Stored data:
===
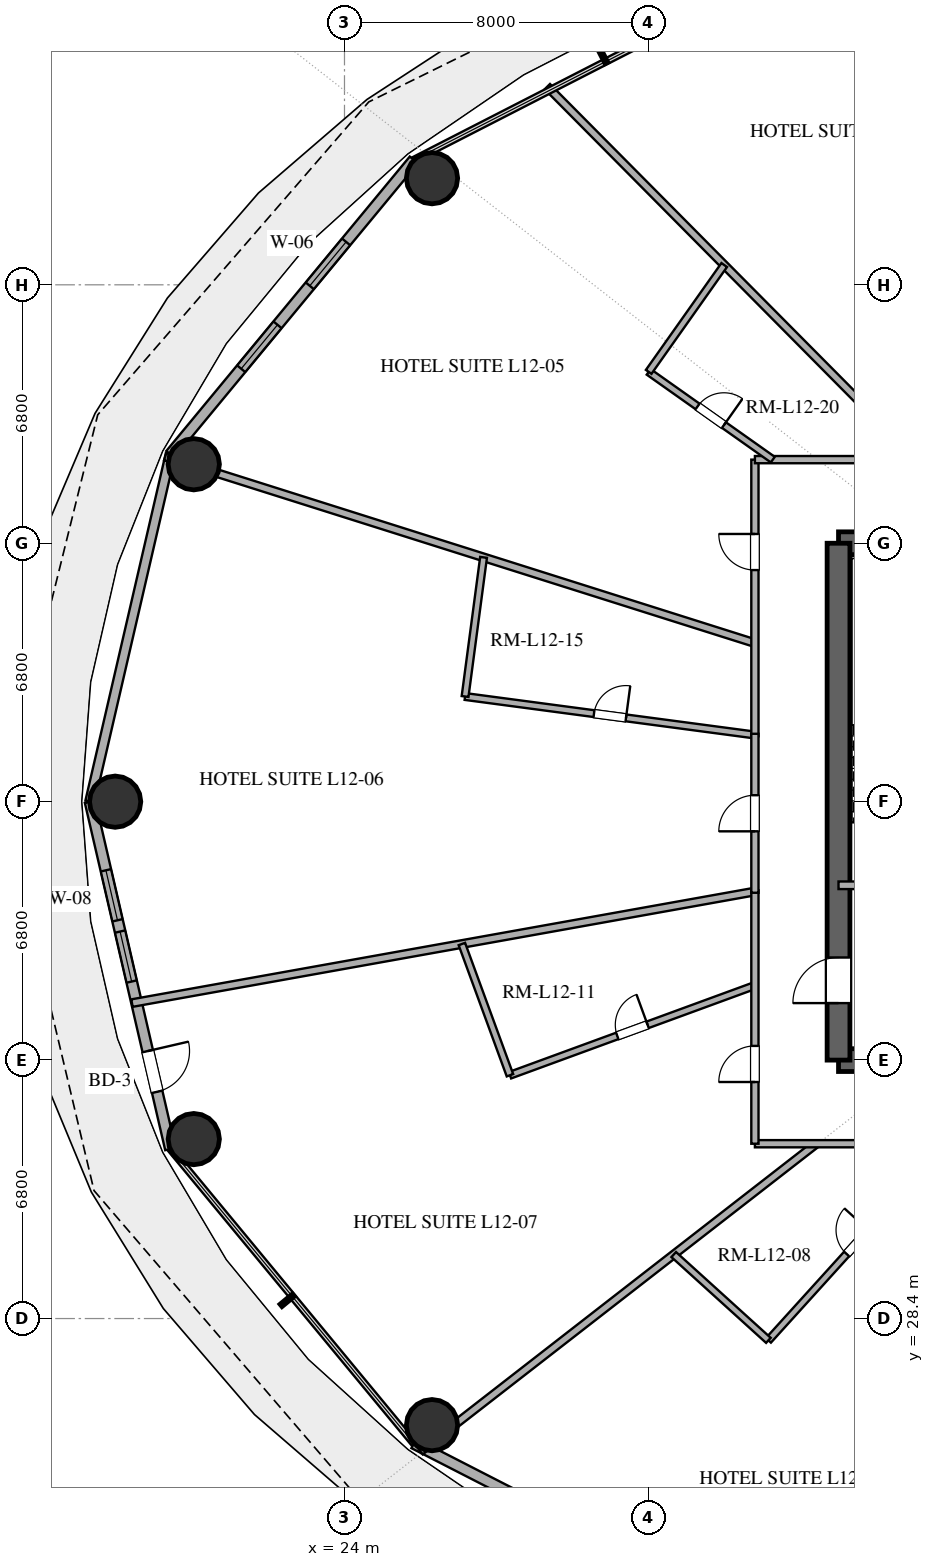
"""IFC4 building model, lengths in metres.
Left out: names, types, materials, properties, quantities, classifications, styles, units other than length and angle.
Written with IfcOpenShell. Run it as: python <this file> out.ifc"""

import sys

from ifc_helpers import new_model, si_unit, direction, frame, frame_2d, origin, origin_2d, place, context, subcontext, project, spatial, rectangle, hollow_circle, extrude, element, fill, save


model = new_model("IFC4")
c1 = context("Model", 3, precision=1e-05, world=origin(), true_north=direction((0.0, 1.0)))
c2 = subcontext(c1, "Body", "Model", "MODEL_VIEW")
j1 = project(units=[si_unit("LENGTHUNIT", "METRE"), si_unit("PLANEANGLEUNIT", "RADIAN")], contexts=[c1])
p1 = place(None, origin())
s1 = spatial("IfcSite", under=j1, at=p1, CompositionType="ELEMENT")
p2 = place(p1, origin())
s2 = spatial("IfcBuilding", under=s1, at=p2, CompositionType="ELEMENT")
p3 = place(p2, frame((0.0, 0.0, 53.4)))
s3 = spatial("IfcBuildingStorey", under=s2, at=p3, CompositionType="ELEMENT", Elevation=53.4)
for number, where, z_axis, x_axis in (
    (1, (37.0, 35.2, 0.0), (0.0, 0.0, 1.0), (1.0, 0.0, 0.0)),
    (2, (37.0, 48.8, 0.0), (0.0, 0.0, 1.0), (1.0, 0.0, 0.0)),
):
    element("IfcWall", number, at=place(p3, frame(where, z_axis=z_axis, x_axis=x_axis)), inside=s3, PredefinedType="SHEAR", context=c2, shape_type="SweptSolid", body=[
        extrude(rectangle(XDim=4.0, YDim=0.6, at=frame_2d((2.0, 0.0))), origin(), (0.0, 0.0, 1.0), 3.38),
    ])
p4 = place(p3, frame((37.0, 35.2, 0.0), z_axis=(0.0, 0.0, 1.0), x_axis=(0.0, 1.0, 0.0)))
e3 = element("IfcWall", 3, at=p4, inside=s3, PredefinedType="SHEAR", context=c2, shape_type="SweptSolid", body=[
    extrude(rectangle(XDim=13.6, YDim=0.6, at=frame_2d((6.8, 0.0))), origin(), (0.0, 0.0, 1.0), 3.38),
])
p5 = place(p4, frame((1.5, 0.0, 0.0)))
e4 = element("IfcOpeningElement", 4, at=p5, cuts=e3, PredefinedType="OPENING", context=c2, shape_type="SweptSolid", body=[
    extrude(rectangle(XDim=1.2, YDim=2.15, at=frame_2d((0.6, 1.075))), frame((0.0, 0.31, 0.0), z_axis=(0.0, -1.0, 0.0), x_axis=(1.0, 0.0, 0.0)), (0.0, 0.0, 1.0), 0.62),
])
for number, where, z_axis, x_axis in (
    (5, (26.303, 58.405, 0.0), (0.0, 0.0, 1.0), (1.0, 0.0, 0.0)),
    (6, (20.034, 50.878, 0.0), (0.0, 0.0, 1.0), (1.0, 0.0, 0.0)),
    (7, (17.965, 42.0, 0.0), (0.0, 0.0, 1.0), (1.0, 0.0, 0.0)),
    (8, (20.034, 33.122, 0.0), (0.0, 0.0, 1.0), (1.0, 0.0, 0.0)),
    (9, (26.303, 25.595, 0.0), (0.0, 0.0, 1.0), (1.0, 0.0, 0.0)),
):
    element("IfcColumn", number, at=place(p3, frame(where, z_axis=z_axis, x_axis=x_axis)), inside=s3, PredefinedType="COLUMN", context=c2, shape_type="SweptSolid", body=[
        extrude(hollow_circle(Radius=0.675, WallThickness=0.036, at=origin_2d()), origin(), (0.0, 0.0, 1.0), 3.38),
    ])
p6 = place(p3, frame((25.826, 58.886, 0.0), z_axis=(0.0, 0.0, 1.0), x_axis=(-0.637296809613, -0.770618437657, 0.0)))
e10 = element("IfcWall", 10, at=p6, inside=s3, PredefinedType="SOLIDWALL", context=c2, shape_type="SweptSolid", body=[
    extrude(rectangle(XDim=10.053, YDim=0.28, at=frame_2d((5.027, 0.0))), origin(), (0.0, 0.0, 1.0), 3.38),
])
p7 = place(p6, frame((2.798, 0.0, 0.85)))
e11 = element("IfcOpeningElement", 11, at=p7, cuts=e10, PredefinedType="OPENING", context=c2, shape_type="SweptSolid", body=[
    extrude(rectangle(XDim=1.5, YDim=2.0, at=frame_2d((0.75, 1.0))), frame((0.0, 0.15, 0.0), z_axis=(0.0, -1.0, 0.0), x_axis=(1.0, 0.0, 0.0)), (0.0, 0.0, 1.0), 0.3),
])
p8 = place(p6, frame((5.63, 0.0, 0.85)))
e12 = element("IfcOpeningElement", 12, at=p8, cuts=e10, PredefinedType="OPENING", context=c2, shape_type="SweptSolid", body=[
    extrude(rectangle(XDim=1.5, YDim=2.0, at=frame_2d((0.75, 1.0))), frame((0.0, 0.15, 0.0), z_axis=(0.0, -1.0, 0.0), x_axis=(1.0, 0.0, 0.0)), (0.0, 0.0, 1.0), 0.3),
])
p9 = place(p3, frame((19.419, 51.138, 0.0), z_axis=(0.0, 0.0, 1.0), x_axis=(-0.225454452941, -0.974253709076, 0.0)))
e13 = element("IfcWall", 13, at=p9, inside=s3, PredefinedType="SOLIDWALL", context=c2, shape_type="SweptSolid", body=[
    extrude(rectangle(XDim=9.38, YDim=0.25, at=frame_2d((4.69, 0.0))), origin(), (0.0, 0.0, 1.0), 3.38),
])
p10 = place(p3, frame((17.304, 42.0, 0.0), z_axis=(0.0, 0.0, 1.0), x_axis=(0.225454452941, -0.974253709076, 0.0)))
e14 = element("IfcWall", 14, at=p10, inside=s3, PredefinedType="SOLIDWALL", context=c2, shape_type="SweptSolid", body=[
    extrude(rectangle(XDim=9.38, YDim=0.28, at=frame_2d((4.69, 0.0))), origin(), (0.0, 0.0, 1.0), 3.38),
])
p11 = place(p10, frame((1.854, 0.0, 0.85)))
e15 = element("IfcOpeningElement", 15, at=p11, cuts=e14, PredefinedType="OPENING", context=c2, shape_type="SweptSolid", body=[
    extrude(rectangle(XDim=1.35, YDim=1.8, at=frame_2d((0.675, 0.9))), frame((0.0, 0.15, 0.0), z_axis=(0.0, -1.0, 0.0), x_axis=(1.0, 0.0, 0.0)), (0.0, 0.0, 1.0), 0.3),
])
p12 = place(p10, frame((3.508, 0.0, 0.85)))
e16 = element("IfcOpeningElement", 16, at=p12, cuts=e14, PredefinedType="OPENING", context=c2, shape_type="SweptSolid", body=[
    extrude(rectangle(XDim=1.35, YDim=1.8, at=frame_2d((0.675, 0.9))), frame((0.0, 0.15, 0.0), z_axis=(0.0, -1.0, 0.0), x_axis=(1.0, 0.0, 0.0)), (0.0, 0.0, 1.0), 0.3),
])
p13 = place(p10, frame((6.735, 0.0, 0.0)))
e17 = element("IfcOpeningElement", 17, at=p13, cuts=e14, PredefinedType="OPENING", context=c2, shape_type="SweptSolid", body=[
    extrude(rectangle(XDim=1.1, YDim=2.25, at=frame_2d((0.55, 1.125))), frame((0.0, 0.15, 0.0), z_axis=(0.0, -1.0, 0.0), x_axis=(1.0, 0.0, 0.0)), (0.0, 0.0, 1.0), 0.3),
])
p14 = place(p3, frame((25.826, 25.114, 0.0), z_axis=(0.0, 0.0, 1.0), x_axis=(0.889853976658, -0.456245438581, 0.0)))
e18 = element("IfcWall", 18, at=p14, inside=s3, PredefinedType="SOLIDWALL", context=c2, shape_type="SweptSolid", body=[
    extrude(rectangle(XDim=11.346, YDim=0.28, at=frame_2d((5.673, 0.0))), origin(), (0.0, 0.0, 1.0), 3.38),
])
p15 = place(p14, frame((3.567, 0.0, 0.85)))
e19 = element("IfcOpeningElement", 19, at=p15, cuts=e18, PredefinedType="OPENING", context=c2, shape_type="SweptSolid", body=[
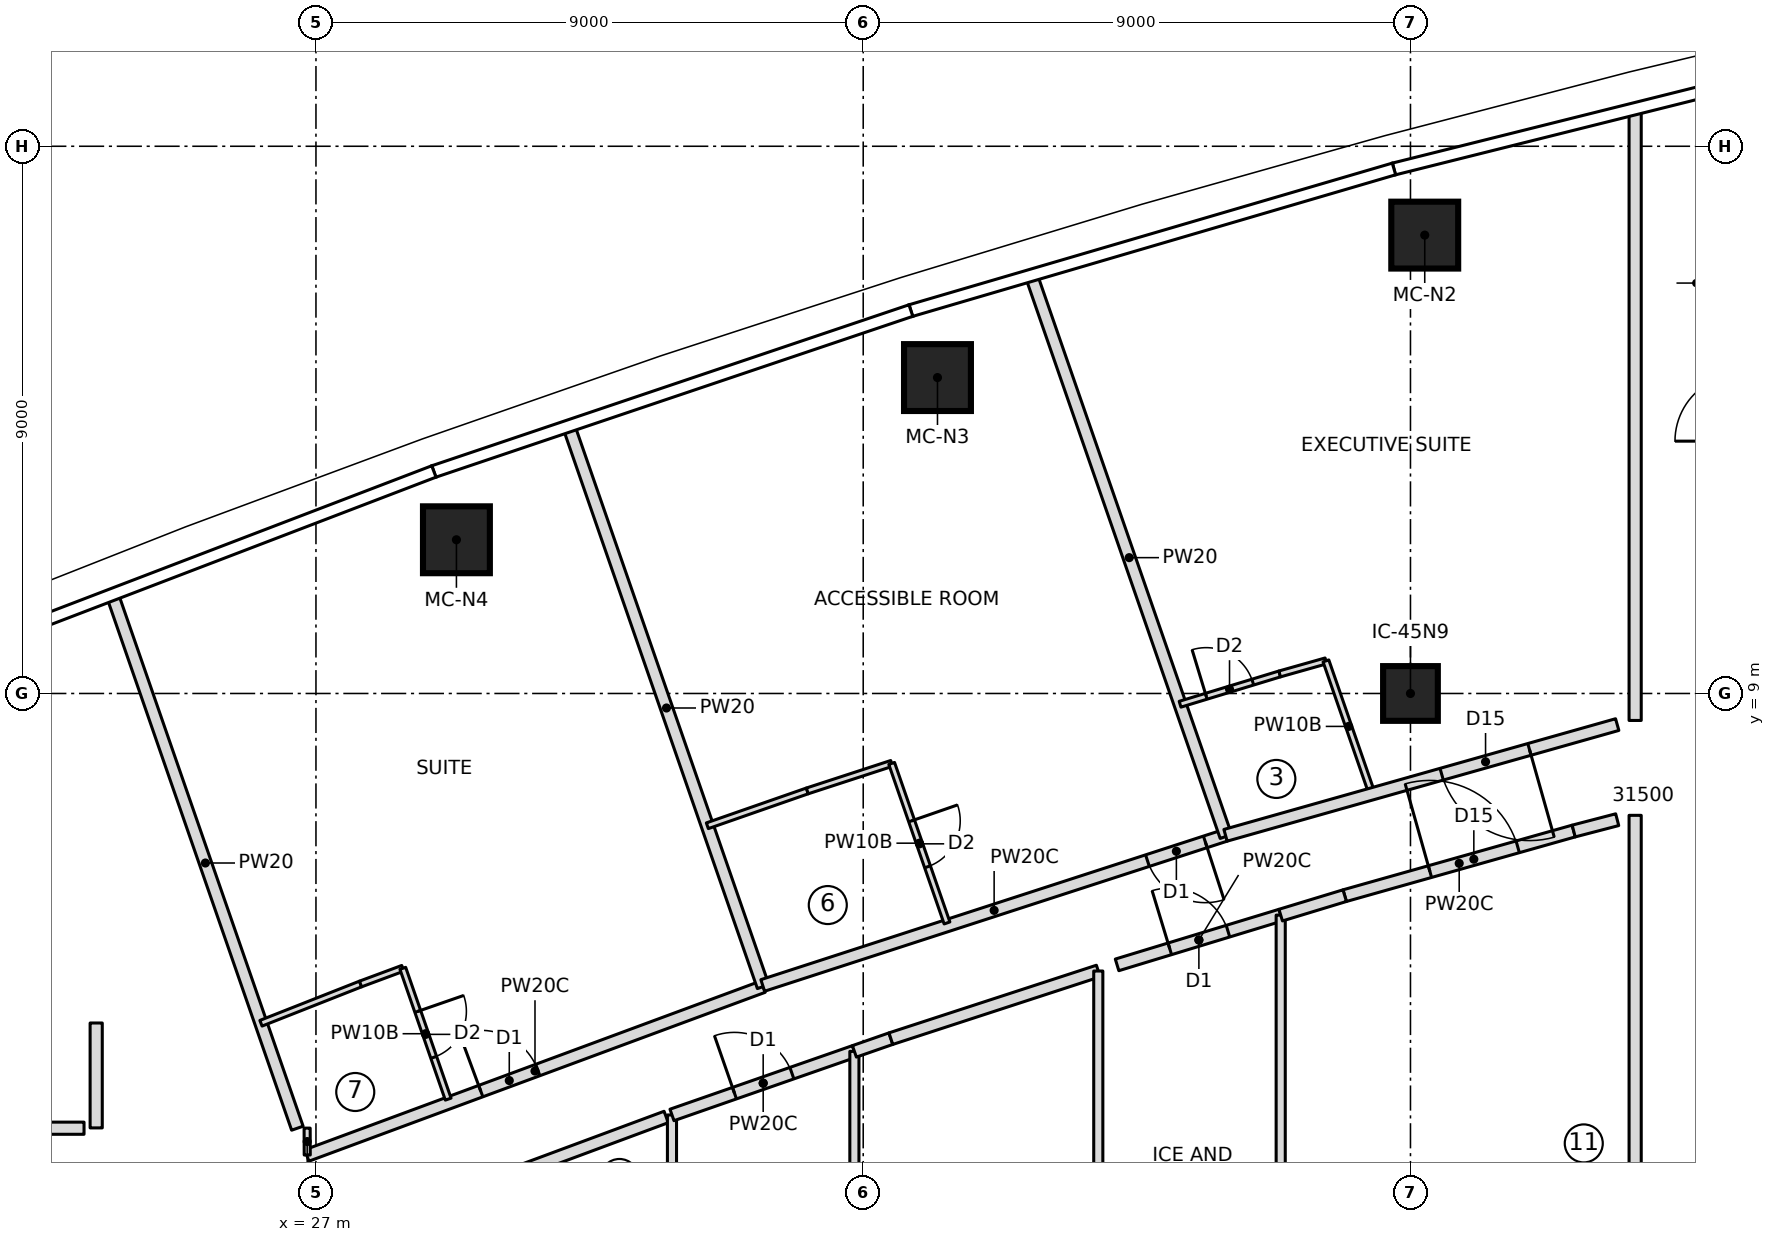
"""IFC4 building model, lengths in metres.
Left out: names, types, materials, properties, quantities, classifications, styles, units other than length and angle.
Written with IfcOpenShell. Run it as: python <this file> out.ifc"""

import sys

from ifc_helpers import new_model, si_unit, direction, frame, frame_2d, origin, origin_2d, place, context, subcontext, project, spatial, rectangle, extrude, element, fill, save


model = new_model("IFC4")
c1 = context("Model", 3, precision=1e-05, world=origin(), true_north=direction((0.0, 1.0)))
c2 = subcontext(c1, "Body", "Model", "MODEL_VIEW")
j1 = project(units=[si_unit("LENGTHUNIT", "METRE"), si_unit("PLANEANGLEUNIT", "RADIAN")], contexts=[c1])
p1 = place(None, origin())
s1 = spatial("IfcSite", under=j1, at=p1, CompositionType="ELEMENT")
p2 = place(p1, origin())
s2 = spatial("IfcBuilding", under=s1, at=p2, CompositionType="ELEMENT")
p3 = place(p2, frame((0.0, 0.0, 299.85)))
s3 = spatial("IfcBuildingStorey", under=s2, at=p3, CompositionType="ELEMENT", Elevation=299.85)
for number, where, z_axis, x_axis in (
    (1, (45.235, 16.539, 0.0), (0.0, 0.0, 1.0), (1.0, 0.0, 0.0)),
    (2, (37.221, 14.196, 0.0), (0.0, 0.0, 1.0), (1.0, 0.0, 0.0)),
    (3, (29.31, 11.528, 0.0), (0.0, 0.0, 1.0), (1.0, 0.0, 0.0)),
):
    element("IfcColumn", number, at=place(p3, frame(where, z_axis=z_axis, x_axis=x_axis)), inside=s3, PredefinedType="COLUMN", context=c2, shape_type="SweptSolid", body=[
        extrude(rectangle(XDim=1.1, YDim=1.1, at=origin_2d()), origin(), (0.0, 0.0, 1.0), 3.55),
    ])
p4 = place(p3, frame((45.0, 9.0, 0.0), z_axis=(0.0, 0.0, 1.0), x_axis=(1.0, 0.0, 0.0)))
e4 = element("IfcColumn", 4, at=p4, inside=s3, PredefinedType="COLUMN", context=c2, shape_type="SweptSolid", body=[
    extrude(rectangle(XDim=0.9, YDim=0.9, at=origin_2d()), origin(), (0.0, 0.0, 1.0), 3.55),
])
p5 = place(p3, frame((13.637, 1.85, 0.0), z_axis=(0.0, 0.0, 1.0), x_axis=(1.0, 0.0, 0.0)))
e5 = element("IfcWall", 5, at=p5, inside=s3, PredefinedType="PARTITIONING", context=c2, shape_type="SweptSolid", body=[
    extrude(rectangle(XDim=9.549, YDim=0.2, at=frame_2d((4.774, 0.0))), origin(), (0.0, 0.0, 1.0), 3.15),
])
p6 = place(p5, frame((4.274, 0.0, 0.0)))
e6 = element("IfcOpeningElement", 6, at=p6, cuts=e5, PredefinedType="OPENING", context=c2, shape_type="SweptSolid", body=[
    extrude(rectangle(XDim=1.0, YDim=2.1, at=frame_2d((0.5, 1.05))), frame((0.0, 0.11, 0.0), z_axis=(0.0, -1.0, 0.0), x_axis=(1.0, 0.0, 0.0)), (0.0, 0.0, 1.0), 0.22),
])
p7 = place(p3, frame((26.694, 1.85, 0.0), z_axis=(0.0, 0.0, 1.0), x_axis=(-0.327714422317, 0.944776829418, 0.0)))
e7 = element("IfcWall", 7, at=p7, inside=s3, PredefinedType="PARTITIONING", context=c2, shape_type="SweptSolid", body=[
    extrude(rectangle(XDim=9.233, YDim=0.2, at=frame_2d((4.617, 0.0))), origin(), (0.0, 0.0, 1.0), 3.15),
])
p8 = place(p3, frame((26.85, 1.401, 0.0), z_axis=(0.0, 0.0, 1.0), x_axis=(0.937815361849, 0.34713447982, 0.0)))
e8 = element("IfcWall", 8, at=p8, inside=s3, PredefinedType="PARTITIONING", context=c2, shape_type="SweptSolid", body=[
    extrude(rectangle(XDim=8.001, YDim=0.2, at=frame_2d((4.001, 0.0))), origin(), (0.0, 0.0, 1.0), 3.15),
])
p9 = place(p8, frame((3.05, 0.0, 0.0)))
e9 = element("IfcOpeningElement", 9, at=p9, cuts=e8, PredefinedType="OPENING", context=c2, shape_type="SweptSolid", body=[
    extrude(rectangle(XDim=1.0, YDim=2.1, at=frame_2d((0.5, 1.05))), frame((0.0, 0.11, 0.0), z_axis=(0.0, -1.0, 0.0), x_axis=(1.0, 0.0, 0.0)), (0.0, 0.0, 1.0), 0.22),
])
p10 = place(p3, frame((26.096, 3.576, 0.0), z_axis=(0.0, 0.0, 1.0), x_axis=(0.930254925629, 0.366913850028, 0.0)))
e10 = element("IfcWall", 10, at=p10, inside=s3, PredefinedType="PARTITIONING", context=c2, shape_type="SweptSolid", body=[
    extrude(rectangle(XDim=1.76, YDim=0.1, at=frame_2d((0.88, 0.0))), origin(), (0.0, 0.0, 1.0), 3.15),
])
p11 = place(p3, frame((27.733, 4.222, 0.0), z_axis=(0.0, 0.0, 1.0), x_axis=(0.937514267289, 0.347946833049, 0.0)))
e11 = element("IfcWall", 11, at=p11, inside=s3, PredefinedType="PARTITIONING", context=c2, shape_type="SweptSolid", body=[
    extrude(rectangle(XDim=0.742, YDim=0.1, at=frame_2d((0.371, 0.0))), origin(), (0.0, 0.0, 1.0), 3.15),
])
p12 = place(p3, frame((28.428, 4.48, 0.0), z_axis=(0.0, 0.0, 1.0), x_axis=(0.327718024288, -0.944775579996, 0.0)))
===
▶ REQUIREMENT
Search each line of the data above for "Elevation", and copy the lines where it occurs.

▶ OUTPUT OF THE EXERCISE
s3 = spatial("IfcBuildingStorey", under=s2, at=p3, CompositionType="ELEMENT", Elevation=53.4)
s3 = spatial("IfcBuildingStorey", under=s2, at=p3, CompositionType="ELEMENT", Elevation=299.85)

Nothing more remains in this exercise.